Find where "3. outline: C" occurs in the data below, and retype that line and every later line exactly.

--- DATASET ---

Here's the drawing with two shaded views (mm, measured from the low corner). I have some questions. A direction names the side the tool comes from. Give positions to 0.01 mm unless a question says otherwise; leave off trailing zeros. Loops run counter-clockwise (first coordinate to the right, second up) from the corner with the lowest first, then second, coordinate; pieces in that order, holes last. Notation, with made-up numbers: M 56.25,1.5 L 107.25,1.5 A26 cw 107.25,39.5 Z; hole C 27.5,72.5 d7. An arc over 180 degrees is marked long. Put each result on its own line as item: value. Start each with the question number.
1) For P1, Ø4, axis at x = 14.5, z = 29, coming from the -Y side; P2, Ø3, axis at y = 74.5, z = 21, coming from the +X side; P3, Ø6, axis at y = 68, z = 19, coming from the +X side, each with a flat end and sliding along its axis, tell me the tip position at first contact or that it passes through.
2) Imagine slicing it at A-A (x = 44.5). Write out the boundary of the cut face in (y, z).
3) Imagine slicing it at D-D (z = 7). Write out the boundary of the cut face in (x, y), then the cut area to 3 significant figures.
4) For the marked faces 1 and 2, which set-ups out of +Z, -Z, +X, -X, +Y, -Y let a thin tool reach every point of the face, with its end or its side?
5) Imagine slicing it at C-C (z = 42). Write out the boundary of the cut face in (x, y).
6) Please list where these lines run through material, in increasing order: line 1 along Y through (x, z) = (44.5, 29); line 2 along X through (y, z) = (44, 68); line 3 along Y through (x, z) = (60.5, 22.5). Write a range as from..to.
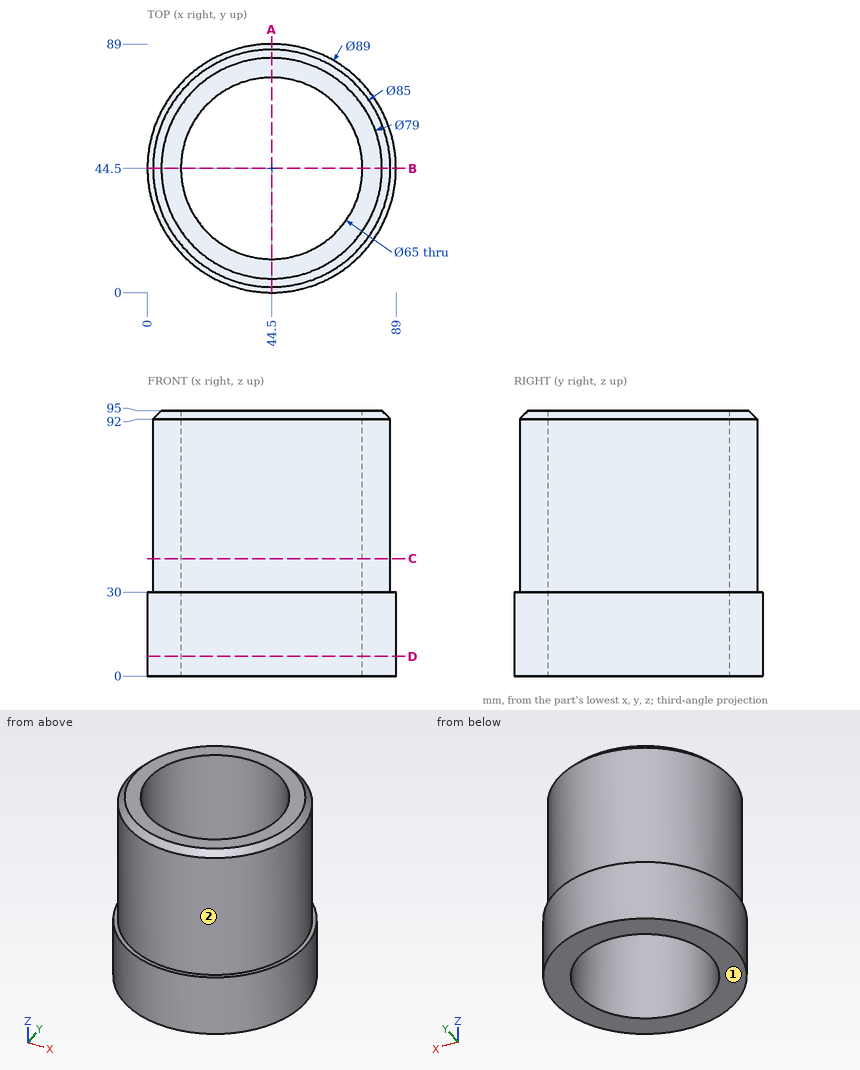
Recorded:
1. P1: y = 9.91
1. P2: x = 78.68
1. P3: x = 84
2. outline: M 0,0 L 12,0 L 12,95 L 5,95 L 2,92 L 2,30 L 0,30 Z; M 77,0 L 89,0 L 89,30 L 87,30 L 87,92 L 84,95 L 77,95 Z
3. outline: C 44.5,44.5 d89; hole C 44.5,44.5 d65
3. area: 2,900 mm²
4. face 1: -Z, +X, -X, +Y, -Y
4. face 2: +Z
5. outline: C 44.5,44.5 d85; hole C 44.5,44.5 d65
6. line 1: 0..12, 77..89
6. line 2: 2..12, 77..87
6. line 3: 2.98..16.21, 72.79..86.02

---

* **ANSWER FOR THIS EXERCISE**
3. outline: C 44.5,44.5 d89; hole C 44.5,44.5 d65
3. area: 2,900 mm²
4. face 1: -Z, +X, -X, +Y, -Y
4. face 2: +Z
5. outline: C 44.5,44.5 d85; hole C 44.5,44.5 d65
6. line 1: 0..12, 77..89
6. line 2: 2..12, 77..87
6. line 3: 2.98..16.21, 72.79..86.02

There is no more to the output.